(Extracted data entries)
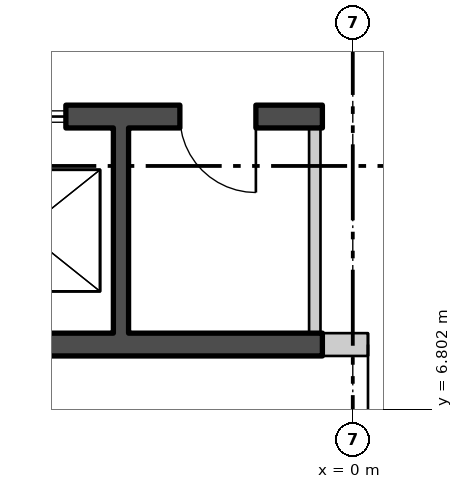
"""IFC4 building model, lengths in metres.
Left out: names, types, materials, properties, quantities, classifications, styles, units other than length and angle.
Written with IfcOpenShell. Run it as: python <this file> out.ifc"""

import sys

from ifc_helpers import new_model, si_unit, direction, frame, frame_2d, origin, place, context, subcontext, project, spatial, polyline, rectangle, outline, extrude, element, fill, save


model = new_model("IFC4")
c1 = context("Model", 3, precision=1e-05, world=origin(), true_north=direction((0.0, 1.0)))
c2 = subcontext(c1, "Body", "Model", "MODEL_VIEW")
j1 = project(units=[si_unit("LENGTHUNIT", "METRE"), si_unit("PLANEANGLEUNIT", "RADIAN")], contexts=[c1])
p1 = place(None, origin())
s1 = spatial("IfcSite", under=j1, at=p1, CompositionType="ELEMENT")
p2 = place(p1, origin())
s2 = spatial("IfcBuilding", under=s1, at=p2, CompositionType="ELEMENT")
p3 = place(p2, frame((0.0, 0.0, 239.4)))
s3 = spatial("IfcBuildingStorey", under=s2, at=p3, CompositionType="ELEMENT", Elevation=239.4)
p4 = place(p3, frame((-25.975, 14.597, -0.18), z_axis=(0.0, 0.0, 1.0), x_axis=(0.499999764979, -0.866025539474, 0.0)))
e1 = element("IfcWall", 1, at=p4, inside=s3, PredefinedType="SOLIDWALL", context=c2, shape_type="SweptSolid", body=[
    extrude(outline(polyline([(-0.13, -0.225), (45.87, -0.225), (45.61, 0.225), (0.13, 0.225), (-0.13, -0.225)])), origin(), (0.0, 0.0, 1.0), 6.0),
])
p5 = place(p4, frame((1.424, 0.0, 1.38)))
e2 = element("IfcOpeningElement", 2, at=p5, cuts=e1, PredefinedType="OPENING", context=c2, shape_type="SweptSolid", body=[
    extrude(rectangle(XDim=2.4, YDim=3.6, at=frame_2d((1.2, 1.8))), frame((0.0, 0.235, 0.0), z_axis=(0.0, -1.0, 0.0), x_axis=(1.0, 0.0, 0.0)), (0.0, 0.0, 1.0), 0.47),
])
p6 = place(p4, frame((5.893, 0.0, 1.38)))
e3 = element("IfcOpeningElement", 3, at=p6, cuts=e1, PredefinedType="OPENING", context=c2, shape_type="SweptSolid", body=[
    extrude(rectangle(XDim=2.4, YDim=3.6, at=frame_2d((1.2, 1.8))), frame((0.0, 0.235, 0.0), z_axis=(0.0, -1.0, 0.0), x_axis=(1.0, 0.0, 0.0)), (0.0, 0.0, 1.0), 0.47),
])
p7 = place(p4, frame((10.401, 0.0, 1.38)))
e4 = element("IfcOpeningElement", 4, at=p7, cuts=e1, PredefinedType="OPENING", context=c2, shape_type="SweptSolid", body=[
    extrude(rectangle(XDim=2.4, YDim=3.6, at=frame_2d((1.2, 1.8))), frame((0.0, 0.235, 0.0), z_axis=(0.0, -1.0, 0.0), x_axis=(1.0, 0.0, 0.0)), (0.0, 0.0, 1.0), 0.47),
])
p8 = place(p4, frame((14.909, 0.0, 1.38)))
e5 = element("IfcOpeningElement", 5, at=p8, cuts=e1, PredefinedType="OPENING", context=c2, shape_type="SweptSolid", body=[
    extrude(rectangle(XDim=2.4, YDim=3.6, at=frame_2d((1.2, 1.8))), frame((0.0, 0.235, 0.0), z_axis=(0.0, -1.0, 0.0), x_axis=(1.0, 0.0, 0.0)), (0.0, 0.0, 1.0), 0.47),
])
p9 = place(p4, frame((19.416, 0.0, 1.38)))
e6 = element("IfcOpeningElement", 6, at=p9, cuts=e1, PredefinedType="OPENING", context=c2, shape_type="SweptSolid", body=[
    extrude(rectangle(XDim=2.4, YDim=3.6, at=frame_2d((1.2, 1.8))), frame((0.0, 0.235, 0.0), z_axis=(0.0, -1.0, 0.0), x_axis=(1.0, 0.0, 0.0)), (0.0, 0.0, 1.0), 0.47),
])
p10 = place(p4, frame((23.924, 0.0, 1.38)))
e7 = element("IfcOpeningElement", 7, at=p10, cuts=e1, PredefinedType="OPENING", context=c2, shape_type="SweptSolid", body=[
    extrude(rectangle(XDim=2.4, YDim=3.6, at=frame_2d((1.2, 1.8))), frame((0.0, 0.235, 0.0), z_axis=(0.0, -1.0, 0.0), x_axis=(1.0, 0.0, 0.0)), (0.0, 0.0, 1.0), 0.47),
])
p11 = place(p4, frame((28.431, 0.0, 1.38)))
e8 = element("IfcOpeningElement", 8, at=p11, cuts=e1, PredefinedType="OPENING", context=c2, shape_type="SweptSolid", body=[
    extrude(rectangle(XDim=2.4, YDim=3.6, at=frame_2d((1.2, 1.8))), frame((0.0, 0.235, 0.0), z_axis=(0.0, -1.0, 0.0), x_axis=(1.0, 0.0, 0.0)), (0.0, 0.0, 1.0), 0.47),
])
p12 = place(p4, frame((32.939, 0.0, 1.38)))
e9 = element("IfcOpeningElement", 9, at=p12, cuts=e1, PredefinedType="OPENING", context=c2, shape_type="SweptSolid", body=[
    extrude(rectangle(XDim=2.4, YDim=3.6, at=frame_2d((1.2, 1.8))), frame((0.0, 0.235, 0.0), z_axis=(0.0, -1.0, 0.0), x_axis=(1.0, 0.0, 0.0)), (0.0, 0.0, 1.0), 0.47),
])
p13 = place(p4, frame((37.447, 0.0, 1.38)))
e10 = element("IfcOpeningElement", 10, at=p13, cuts=e1, PredefinedType="OPENING", context=c2, shape_type="SweptSolid", body=[
    extrude(rectangle(XDim=2.4, YDim=3.6, at=frame_2d((1.2, 1.8))), frame((0.0, 0.235, 0.0), z_axis=(0.0, -1.0, 0.0), x_axis=(1.0, 0.0, 0.0)), (0.0, 0.0, 1.0), 0.47),
])
p14 = place(p4, frame((41.916, 0.0, 1.38)))
e11 = element("IfcOpeningElement", 11, at=p14, cuts=e1, PredefinedType="OPENING", context=c2, shape_type="SweptSolid", body=[
    extrude(rectangle(XDim=2.4, YDim=3.6, at=frame_2d((1.2, 1.8))), frame((0.0, 0.235, 0.0), z_axis=(0.0, -1.0, 0.0), x_axis=(1.0, 0.0, 0.0)), (0.0, 0.0, 1.0), 0.47),
])
p15 = place(p3, frame((-10.7, 10.65, 0.0), z_axis=(0.0, 0.0, 1.0), x_axis=(1.0, 0.0, 0.0)))
e12 = element("IfcWall", 12, at=p15, inside=s3, PredefinedType="SHEAR", context=c2, shape_type="SweptSolid", body=[
    extrude(rectangle(XDim=10.3, YDim=0.3, at=frame_2d((5.15, 0.0))), origin(), (0.0, 0.0, 1.0), 5.8),
])
p16 = place(p15, frame((0.675, 0.0, 0.0)))
e13 = element("IfcOpeningElement", 13, at=p16, cuts=e12, PredefinedType="OPENING", context=c2, shape_type="SweptSolid", body=[
    extrude(rectangle(XDim=1.1, YDim=2.1, at=frame_2d((0.55, 1.05))), frame((0.0, 0.16, 0.0), z_axis=(0.0, -1.0, 0.0), x_axis=(1.0, 0.0, 0.0)), (0.0, 0.0, 1.0), 0.32),
])
p17 = place(p15, frame((3.275, 0.0, 0.0)))
e14 = element("IfcOpeningElement", 14, at=p17, cuts=e12, PredefinedType="OPENING", context=c2, shape_type="SweptSolid", body=[
    extrude(rectangle(XDim=1.1, YDim=2.1, at=frame_2d((0.55, 1.05))), frame((0.0, 0.16, 0.0), z_axis=(0.0, -1.0, 0.0), x_axis=(1.0, 0.0, 0.0)), (0.0, 0.0, 1.0), 0.32),
])
p18 = place(p15, frame((5.825, 0.0, 0.0)))
e15 = element("IfcOpeningElement", 15, at=p18, cuts=e12, PredefinedType="OPENING", context=c2, shape_type="SweptSolid", body=[
    extrude(rectangle(XDim=1.1, YDim=2.1, at=frame_2d((0.55, 1.05))), frame((0.0, 0.16, 0.0), z_axis=(0.0, -1.0, 0.0), x_axis=(1.0, 0.0, 0.0)), (0.0, 0.0, 1.0), 0.32),
])
p19 = place(p15, frame((8.425, 0.0, 0.0)))
e16 = element("IfcOpeningElement", 16, at=p19, cuts=e12, PredefinedType="OPENING", context=c2, shape_type="SweptSolid", body=[
    extrude(rectangle(XDim=1.0, YDim=2.1, at=frame_2d((0.5, 1.05))), frame((0.0, 0.16, 0.0), z_axis=(0.0, -1.0, 0.0), x_axis=(1.0, 0.0, 0.0)), (0.0, 0.0, 1.0), 0.32),
])
p20 = place(p3, frame((-10.7, 7.65, 0.0), z_axis=(0.0, 0.0, 1.0), x_axis=(1.0, 0.0, 0.0)))
e17 = element("IfcWall", 17, at=p20, inside=s3, PredefinedType="SHEAR", context=c2, shape_type="SweptSolid", body=[
    extrude(rectangle(XDim=10.3, YDim=0.3, at=frame_2d((5.15, 0.0))), origin(), (0.0, 0.0, 1.0), 5.8),
])
p21 = place(p3, frame((-3.05, 7.8, 0.0), z_axis=(0.0, 0.0, 1.0), x_axis=(0.0, 1.0, 0.0)))
e18 = element("IfcWall", 18, at=p21, inside=s3, PredefinedType="SHEAR", context=c2, shape_type="SweptSolid", body=[
    extrude(rectangle(XDim=2.7, YDim=0.2, at=frame_2d((1.35, 0.0))), origin(), (0.0, 0.0, 1.0), 5.8),
])
p22 = place(p3, frame((-0.5, 7.8, 0.0), z_axis=(0.0, 0.0, 1.0), x_axis=(0.0, 1.0, 0.0)))
e19 = element("IfcWall", 19, at=p22, inside=s3, PredefinedType="PARTITIONING", context=c2, shape_type="SweptSolid", body=[
    extrude(rectangle(XDim=2.7, YDim=0.15, at=frame_2d((1.35, 0.0))), origin(), (0.0, 0.0, 1.0), 5.8),
])
p23 = place(p3, frame((-0.4, 7.65, 0.0), z_axis=(0.0, 0.0, 1.0), x_axis=(1.0, 0.0, 0.0)))
e20 = element("IfcWall", 20, at=p23, inside=s3, PredefinedType="PARTITIONING", context=c2, shape_type="SweptSolid", body=[
    extrude(rectangle(XDim=3.0, YDim=0.3, at=frame_2d((1.5, 0.0))), origin(), (0.0, 0.0, 1.0), 5.8),
])
p24 = place(p23, frame((0.6, 0.0, 0.0)))
e21 = element("IfcOpeningElement", 21, at=p24, cuts=e20, PredefinedType="OPENING", context=c2, shape_type="SweptSolid", body=[
    extrude(rectangle(XDim=1.8, YDim=2.4, at=frame_2d((0.9, 1.2))), frame((0.0, 0.16, 0.0), z_axis=(0.0, -1.0, 0.0), x_axis=(1.0, 0.0, 0.0)), (0.0, 0.0, 1.0), 0.32),
])
p25 = place(p18, origin())
e22 = element("IfcDoor", 22, at=p25, inside=s3, OperationType="SLIDING_TO_LEFT", PredefinedType="DOOR", context=c2, shape_type="SweptSolid", body=[
    extrude(rectangle(XDim=1.1, YDim=2.1, at=frame_2d((0.55, 1.05))), frame((0.0, 0.025, 0.0), z_axis=(0.0, -1.0, 0.0), x_axis=(1.0, 0.0, 0.0)), (0.0, 0.0, 1.0), 0.05),
])
fill(e15, e22)
p26 = place(p19, origin())
e23 = element("IfcDoor", 23, at=p26, inside=s3, OperationType="SINGLE_SWING_RIGHT", PredefinedType="DOOR", context=c2, shape_type="SweptSolid", body=[
    extrude(rectangle(XDim=1.0, YDim=2.1, at=frame_2d((0.5, 1.05))), frame((0.0, 0.025, 0.0), z_axis=(0.0, -1.0, 0.0), x_axis=(1.0, 0.0, 0.0)), (0.0, 0.0, 1.0), 0.05),
])
fill(e16, e23)
p27 = place(p24, origin())
e24 = element("IfcDoor", 24, at=p27, inside=s3, OperationType="DOUBLE_DOOR_SINGLE_SWING", PredefinedType="DOOR", context=c2, shape_type="SweptSolid", body=[
    extrude(rectangle(XDim=1.8, YDim=2.4, at=frame_2d((0.9, 1.2))), frame((0.0, 0.025, 0.0), z_axis=(0.0, -1.0, 0.0), x_axis=(1.0, 0.0, 0.0)), (0.0, 0.0, 1.0), 0.05),
])
fill(e21, e24)
save(model, sys.argv[1])

* **Aim of the task**:
Go through the data, and copy each line in which the word "subcontext" appears.

* **Written reply**:
from ifc_helpers import new_model, si_unit, direction, frame, frame_2d, origin, place, context, subcontext, project, spatial, polyline, rectangle, outline, extrude, element, fill, save
c2 = subcontext(c1, "Body", "Model", "MODEL_VIEW")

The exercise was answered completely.